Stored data
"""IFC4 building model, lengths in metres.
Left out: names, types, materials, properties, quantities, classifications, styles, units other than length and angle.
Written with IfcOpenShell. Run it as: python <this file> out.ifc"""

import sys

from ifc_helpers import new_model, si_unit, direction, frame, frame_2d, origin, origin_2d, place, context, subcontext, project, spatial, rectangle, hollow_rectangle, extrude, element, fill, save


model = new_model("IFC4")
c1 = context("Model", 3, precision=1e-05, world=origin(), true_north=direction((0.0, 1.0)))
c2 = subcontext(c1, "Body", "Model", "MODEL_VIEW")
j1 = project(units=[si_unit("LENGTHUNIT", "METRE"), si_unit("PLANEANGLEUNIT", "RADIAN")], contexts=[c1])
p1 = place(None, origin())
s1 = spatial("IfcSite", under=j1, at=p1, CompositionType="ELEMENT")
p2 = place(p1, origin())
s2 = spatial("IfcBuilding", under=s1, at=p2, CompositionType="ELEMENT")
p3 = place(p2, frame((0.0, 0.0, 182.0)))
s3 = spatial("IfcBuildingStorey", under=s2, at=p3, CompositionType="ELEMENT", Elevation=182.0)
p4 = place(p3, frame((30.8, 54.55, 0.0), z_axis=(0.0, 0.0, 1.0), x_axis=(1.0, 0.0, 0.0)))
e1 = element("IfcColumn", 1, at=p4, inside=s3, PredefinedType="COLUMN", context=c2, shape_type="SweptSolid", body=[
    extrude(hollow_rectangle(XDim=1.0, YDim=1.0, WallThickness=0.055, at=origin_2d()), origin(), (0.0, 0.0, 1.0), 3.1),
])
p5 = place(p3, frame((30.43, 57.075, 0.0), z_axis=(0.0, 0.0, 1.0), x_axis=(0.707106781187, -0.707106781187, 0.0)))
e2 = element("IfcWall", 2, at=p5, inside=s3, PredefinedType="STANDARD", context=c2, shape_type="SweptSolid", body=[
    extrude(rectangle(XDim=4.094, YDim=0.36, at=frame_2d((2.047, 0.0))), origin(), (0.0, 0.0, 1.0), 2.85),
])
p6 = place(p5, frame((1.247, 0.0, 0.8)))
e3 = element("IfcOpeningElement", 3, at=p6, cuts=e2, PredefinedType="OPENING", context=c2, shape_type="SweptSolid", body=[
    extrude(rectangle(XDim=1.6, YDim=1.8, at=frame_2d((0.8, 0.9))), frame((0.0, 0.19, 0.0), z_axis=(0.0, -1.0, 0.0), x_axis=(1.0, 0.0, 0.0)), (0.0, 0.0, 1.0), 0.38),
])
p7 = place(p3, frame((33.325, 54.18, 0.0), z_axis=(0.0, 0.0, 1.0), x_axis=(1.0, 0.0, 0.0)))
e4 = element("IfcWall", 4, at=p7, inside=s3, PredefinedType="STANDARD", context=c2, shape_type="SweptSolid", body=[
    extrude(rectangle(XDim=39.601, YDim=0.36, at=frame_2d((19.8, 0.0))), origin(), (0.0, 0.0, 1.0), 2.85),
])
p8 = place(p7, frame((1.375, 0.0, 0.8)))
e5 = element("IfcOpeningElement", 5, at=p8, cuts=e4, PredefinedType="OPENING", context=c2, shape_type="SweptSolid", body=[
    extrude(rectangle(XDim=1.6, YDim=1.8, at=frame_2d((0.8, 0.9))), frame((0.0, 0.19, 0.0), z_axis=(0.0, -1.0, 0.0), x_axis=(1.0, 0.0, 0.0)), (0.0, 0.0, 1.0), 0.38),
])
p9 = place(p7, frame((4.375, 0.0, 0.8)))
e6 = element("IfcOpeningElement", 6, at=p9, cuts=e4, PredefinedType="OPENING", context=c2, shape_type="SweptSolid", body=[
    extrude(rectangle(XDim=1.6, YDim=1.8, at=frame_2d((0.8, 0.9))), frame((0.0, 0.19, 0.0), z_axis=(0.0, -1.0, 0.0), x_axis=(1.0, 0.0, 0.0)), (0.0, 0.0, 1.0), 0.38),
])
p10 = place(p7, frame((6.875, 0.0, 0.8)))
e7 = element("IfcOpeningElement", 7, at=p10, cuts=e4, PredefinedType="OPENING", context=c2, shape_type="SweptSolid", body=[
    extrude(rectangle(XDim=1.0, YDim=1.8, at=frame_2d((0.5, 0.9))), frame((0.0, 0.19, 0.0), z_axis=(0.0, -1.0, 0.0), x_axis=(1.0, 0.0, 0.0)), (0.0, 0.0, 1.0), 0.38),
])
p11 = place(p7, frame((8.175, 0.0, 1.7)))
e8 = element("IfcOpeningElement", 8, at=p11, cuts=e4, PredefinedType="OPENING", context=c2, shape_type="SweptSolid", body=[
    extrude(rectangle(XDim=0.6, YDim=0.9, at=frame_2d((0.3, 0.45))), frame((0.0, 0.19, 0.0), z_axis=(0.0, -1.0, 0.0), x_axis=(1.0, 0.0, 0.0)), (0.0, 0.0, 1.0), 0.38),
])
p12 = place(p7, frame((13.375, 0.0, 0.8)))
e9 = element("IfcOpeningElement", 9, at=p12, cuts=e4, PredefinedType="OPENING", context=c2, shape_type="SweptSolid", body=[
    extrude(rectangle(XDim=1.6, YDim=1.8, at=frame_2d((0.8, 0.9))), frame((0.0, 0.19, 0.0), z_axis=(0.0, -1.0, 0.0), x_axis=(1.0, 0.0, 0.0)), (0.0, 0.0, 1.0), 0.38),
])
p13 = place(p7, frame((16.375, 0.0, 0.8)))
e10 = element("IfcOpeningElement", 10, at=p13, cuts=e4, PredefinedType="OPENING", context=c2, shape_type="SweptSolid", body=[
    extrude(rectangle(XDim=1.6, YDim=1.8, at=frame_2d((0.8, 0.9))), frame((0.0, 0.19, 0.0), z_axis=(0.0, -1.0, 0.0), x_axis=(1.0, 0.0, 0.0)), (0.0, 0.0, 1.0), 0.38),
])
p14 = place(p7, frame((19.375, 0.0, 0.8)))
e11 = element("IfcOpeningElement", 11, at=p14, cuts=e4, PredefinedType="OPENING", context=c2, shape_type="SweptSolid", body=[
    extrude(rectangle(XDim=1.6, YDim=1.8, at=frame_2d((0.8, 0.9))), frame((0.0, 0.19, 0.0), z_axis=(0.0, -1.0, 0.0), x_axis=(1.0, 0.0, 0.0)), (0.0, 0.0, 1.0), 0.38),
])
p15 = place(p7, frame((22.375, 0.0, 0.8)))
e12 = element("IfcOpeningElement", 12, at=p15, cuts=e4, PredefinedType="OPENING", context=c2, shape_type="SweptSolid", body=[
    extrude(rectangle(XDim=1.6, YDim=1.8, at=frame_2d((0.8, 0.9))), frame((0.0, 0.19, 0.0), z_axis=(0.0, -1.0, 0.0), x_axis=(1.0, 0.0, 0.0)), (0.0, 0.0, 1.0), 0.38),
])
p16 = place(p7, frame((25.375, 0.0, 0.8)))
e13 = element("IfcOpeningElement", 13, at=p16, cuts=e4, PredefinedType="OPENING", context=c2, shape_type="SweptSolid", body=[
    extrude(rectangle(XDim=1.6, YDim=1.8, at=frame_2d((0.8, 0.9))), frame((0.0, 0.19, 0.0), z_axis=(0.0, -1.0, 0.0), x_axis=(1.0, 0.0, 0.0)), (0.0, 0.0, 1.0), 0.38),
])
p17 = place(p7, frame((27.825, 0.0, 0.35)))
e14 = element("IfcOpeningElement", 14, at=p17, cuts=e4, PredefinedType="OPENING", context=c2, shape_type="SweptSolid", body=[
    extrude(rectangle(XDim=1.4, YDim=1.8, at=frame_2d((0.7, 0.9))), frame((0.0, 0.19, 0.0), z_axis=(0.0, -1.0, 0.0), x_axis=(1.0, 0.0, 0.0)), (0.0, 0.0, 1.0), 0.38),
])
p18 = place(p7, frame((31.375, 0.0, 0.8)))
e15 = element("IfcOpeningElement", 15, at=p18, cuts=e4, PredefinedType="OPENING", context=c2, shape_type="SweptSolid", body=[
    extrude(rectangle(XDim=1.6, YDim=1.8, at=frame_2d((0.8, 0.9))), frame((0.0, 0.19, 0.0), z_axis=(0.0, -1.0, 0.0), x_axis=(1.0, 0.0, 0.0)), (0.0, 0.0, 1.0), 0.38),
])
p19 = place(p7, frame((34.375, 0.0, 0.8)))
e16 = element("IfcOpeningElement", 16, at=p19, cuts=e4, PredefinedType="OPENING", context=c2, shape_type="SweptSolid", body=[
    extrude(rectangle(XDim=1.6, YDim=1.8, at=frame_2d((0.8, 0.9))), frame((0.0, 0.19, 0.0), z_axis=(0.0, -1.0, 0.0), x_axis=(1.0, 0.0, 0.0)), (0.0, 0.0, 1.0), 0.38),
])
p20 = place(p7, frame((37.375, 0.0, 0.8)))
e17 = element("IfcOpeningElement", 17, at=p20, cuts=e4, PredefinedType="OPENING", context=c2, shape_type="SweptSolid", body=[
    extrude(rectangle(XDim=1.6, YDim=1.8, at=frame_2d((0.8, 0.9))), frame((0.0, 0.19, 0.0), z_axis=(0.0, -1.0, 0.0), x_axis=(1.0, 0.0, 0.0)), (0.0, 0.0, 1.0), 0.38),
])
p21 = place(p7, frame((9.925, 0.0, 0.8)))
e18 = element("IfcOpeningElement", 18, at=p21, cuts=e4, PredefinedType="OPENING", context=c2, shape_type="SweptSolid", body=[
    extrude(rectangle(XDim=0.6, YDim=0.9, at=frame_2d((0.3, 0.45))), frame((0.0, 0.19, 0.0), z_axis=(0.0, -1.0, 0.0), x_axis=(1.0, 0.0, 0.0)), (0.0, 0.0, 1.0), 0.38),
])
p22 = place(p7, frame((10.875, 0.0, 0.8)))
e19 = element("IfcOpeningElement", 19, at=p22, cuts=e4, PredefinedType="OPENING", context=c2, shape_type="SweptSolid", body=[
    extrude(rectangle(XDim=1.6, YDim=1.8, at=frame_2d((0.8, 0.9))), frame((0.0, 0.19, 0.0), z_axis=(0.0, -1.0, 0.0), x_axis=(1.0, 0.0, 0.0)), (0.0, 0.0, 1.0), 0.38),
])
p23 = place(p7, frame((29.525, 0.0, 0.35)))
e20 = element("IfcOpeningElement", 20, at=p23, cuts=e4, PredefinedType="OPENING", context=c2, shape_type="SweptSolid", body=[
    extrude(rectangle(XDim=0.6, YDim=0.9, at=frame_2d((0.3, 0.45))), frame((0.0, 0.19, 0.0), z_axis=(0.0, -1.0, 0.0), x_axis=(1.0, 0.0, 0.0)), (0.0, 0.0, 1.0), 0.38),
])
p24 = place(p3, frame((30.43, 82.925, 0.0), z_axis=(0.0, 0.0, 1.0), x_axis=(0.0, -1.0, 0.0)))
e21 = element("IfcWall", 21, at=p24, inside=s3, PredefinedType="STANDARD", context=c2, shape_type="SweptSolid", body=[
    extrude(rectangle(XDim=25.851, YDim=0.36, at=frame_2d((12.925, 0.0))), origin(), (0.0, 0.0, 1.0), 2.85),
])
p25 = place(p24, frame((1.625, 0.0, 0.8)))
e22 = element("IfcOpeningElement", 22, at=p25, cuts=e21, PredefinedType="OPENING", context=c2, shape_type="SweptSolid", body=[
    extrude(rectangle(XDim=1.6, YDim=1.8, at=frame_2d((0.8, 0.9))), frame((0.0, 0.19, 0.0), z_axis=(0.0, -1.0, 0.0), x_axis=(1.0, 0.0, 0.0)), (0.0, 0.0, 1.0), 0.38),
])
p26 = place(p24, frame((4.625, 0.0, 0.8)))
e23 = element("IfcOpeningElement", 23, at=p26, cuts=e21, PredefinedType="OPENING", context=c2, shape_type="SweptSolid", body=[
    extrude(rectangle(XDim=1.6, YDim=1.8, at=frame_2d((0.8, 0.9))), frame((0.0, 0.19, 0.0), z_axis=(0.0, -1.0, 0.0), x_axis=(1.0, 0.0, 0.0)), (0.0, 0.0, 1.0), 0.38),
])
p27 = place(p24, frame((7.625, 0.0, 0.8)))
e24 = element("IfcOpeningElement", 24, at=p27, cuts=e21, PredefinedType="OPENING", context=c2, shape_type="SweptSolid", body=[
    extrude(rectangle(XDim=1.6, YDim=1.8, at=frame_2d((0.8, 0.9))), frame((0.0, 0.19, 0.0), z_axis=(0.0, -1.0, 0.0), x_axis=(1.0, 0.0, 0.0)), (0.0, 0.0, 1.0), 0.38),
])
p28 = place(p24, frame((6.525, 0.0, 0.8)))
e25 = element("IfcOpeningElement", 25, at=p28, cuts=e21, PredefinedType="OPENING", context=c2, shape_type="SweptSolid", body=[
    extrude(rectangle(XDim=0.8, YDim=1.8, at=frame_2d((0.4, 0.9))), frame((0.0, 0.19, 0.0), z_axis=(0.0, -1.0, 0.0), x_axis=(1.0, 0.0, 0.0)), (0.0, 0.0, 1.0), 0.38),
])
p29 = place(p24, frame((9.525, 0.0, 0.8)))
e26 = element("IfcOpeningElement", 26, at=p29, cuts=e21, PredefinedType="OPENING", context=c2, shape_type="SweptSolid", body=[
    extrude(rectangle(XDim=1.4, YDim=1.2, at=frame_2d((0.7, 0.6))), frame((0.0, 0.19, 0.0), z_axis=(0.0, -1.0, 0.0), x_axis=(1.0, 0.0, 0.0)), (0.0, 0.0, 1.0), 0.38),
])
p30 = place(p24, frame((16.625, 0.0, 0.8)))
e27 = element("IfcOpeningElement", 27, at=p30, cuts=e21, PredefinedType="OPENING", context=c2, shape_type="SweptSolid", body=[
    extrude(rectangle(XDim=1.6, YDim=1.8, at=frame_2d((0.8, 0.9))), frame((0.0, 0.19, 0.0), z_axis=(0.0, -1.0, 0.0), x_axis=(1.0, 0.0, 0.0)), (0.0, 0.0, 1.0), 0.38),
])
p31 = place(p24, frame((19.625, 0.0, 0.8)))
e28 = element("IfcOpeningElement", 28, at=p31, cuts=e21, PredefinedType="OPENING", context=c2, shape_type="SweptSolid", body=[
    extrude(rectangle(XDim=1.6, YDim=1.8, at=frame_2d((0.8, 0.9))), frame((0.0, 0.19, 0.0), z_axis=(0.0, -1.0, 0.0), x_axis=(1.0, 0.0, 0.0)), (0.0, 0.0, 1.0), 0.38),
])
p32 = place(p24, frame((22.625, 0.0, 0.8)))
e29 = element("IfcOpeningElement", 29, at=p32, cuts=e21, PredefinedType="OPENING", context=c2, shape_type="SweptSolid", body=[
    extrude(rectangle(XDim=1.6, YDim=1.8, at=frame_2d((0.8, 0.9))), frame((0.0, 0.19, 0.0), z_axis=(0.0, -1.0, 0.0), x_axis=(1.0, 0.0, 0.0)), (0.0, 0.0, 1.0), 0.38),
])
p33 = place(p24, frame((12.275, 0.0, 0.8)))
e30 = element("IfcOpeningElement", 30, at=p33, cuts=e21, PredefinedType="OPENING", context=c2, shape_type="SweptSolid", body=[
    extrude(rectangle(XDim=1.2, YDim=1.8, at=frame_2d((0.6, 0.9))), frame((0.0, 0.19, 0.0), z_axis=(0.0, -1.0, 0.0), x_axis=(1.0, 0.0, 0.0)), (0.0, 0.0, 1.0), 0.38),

### EXERCISE OBJECTIVE
Track down all lines above with the string "under" and copy them.

### WRITTEN RESPONSE
s1 = spatial("IfcSite", under=j1, at=p1, CompositionType="ELEMENT")
s2 = spatial("IfcBuilding", under=s1, at=p2, CompositionType="ELEMENT")
s3 = spatial("IfcBuildingStorey", under=s2, at=p3, CompositionType="ELEMENT", Elevation=182.0)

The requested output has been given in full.